Across the records below, how many lines include the string "direction"? State the number and nothing more.

- - - - -

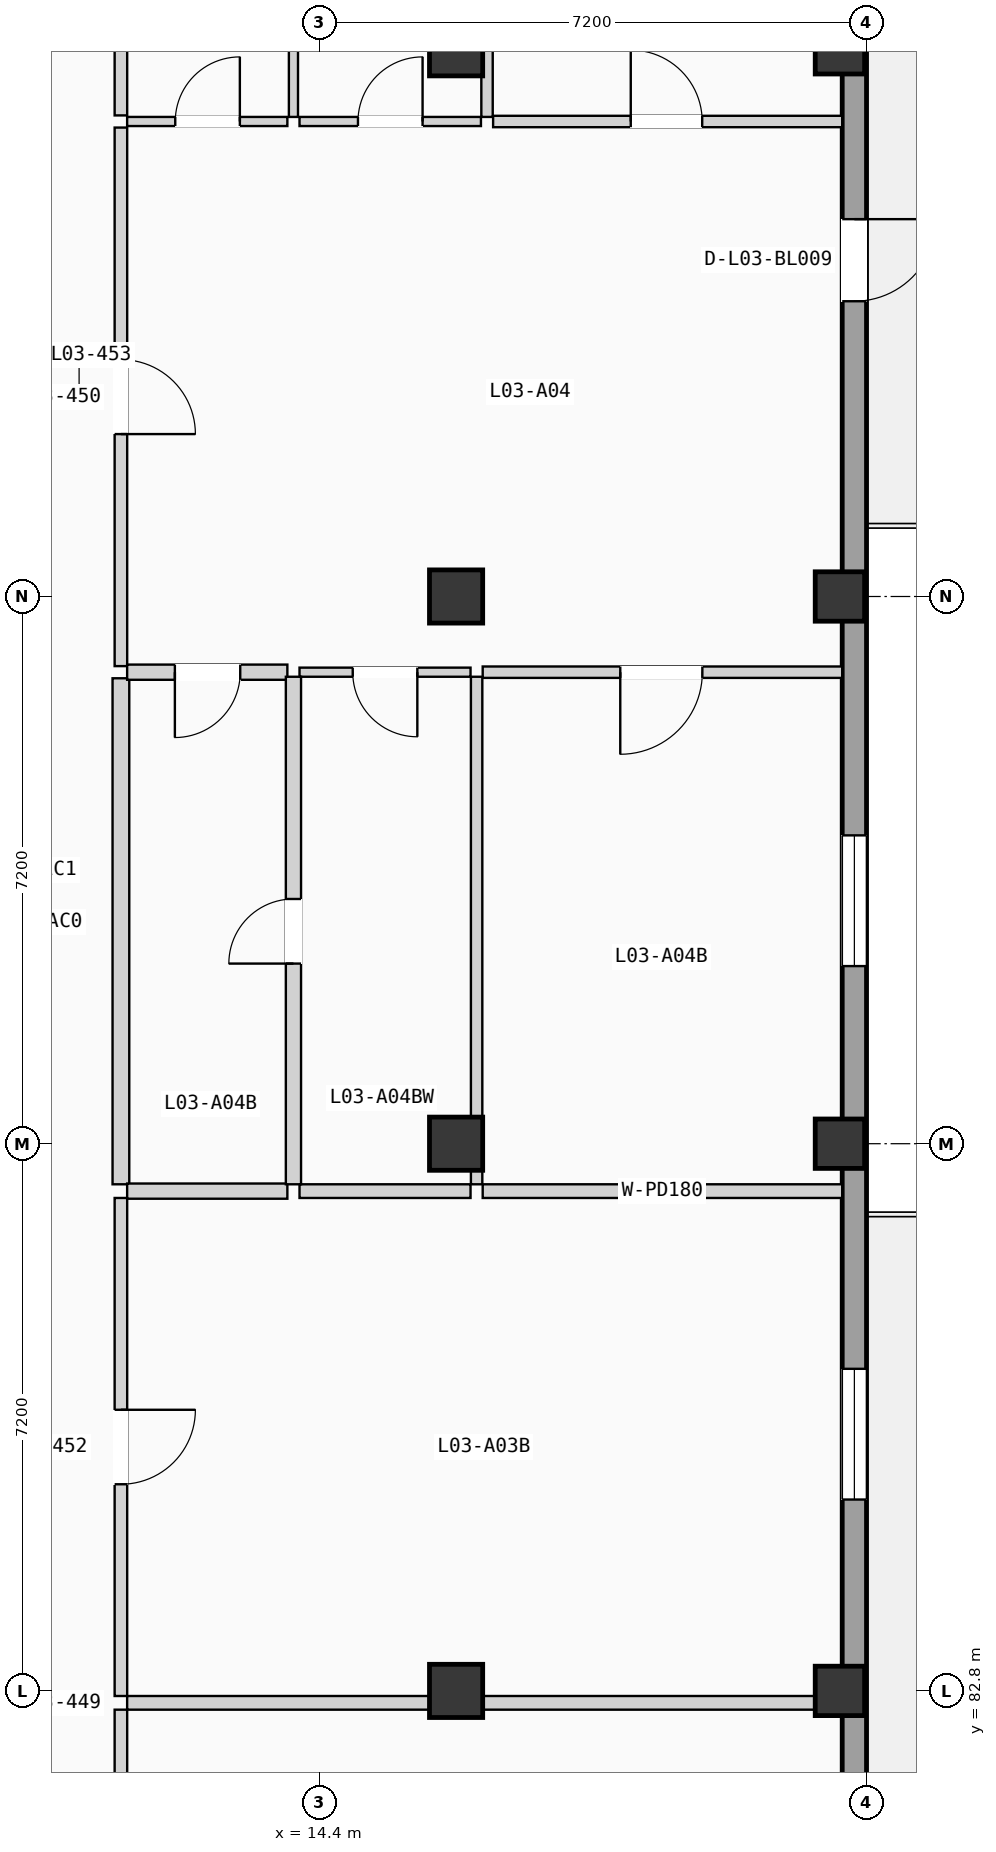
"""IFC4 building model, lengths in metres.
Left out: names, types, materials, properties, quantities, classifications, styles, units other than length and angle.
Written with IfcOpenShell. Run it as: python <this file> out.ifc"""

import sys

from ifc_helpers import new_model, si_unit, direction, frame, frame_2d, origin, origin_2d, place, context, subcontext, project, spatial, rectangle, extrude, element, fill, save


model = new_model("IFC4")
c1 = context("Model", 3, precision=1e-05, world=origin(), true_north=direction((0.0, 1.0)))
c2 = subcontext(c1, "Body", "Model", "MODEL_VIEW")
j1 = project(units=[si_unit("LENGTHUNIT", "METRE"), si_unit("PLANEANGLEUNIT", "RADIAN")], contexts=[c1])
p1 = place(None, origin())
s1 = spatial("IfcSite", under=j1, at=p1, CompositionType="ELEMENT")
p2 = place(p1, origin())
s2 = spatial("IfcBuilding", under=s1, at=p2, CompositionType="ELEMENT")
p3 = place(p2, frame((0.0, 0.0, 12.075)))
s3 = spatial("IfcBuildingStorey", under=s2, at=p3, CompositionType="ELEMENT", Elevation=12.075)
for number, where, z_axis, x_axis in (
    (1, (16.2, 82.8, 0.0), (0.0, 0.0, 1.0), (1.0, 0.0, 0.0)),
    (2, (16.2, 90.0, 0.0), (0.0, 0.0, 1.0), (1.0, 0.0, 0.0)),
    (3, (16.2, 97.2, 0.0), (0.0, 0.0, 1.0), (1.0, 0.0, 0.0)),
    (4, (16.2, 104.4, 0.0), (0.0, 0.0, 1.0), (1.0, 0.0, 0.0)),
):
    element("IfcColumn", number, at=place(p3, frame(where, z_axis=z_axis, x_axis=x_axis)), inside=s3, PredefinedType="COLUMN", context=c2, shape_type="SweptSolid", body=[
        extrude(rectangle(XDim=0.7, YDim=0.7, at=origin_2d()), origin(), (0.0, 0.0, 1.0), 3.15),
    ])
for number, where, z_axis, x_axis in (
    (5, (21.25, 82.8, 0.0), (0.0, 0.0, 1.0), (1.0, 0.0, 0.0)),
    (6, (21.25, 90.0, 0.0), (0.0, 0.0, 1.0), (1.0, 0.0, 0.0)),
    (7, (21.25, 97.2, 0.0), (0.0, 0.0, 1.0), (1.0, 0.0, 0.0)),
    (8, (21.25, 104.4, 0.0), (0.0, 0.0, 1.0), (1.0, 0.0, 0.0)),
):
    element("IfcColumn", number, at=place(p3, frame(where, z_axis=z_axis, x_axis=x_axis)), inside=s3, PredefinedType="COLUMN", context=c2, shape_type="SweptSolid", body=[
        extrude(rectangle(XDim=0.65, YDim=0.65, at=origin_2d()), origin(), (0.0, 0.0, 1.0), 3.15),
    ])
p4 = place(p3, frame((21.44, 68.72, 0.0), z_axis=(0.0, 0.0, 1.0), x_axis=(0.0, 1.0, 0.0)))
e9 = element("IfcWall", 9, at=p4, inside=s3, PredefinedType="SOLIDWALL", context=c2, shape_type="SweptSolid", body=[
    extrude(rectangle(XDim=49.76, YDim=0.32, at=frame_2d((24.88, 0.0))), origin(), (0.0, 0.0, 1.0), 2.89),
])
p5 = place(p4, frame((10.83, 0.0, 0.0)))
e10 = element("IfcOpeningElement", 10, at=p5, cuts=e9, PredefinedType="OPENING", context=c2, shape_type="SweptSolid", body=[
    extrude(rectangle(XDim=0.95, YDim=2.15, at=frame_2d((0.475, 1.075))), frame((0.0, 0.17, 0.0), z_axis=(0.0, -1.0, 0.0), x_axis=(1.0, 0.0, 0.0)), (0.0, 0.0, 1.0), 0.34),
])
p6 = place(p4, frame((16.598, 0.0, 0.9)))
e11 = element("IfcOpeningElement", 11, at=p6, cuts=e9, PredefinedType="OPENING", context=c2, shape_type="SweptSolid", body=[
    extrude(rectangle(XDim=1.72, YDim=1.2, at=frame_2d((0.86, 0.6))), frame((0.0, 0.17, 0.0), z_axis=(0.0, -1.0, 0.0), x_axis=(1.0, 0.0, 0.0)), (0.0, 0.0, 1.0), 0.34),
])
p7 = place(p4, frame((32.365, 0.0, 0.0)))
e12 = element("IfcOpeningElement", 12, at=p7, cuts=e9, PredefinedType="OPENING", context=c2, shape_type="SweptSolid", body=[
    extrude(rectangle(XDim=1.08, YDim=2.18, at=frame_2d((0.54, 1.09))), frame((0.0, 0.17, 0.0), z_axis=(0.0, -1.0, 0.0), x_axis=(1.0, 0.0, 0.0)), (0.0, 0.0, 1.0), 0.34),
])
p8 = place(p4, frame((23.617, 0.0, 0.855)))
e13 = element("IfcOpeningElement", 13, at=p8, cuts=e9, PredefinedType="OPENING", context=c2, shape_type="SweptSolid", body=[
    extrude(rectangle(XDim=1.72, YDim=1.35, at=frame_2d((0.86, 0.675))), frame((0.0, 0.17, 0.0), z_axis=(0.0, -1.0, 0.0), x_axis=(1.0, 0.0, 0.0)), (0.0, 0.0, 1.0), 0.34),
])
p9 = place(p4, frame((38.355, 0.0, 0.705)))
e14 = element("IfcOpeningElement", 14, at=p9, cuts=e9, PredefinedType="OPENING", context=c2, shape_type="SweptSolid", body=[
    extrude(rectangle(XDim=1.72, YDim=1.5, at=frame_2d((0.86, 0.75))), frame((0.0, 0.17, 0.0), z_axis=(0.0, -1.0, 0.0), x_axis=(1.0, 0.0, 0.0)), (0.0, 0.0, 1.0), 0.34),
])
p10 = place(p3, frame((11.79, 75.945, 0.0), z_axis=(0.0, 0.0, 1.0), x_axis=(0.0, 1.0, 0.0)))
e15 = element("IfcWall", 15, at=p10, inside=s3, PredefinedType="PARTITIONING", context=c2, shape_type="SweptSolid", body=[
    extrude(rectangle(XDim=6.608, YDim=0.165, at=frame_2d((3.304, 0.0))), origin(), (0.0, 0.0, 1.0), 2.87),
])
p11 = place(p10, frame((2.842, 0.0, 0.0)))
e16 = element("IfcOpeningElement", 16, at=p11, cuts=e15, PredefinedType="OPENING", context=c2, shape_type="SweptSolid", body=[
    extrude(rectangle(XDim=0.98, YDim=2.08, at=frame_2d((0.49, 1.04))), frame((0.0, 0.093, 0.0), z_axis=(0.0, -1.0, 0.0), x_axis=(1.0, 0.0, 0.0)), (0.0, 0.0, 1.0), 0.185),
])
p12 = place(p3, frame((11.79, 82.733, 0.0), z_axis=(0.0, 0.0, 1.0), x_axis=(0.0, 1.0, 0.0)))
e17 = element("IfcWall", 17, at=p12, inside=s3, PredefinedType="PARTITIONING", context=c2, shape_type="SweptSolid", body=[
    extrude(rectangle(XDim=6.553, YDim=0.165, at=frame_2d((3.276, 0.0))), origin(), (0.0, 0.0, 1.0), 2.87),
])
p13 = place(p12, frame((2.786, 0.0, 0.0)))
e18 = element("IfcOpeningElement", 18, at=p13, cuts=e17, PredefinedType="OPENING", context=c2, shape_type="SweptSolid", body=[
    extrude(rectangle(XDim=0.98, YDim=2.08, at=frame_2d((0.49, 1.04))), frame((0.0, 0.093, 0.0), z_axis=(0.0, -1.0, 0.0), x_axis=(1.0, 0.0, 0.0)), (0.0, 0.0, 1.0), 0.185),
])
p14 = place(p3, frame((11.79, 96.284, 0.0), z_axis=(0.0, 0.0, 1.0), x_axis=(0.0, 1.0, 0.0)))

- - - - -

(RESULT BELOW):
2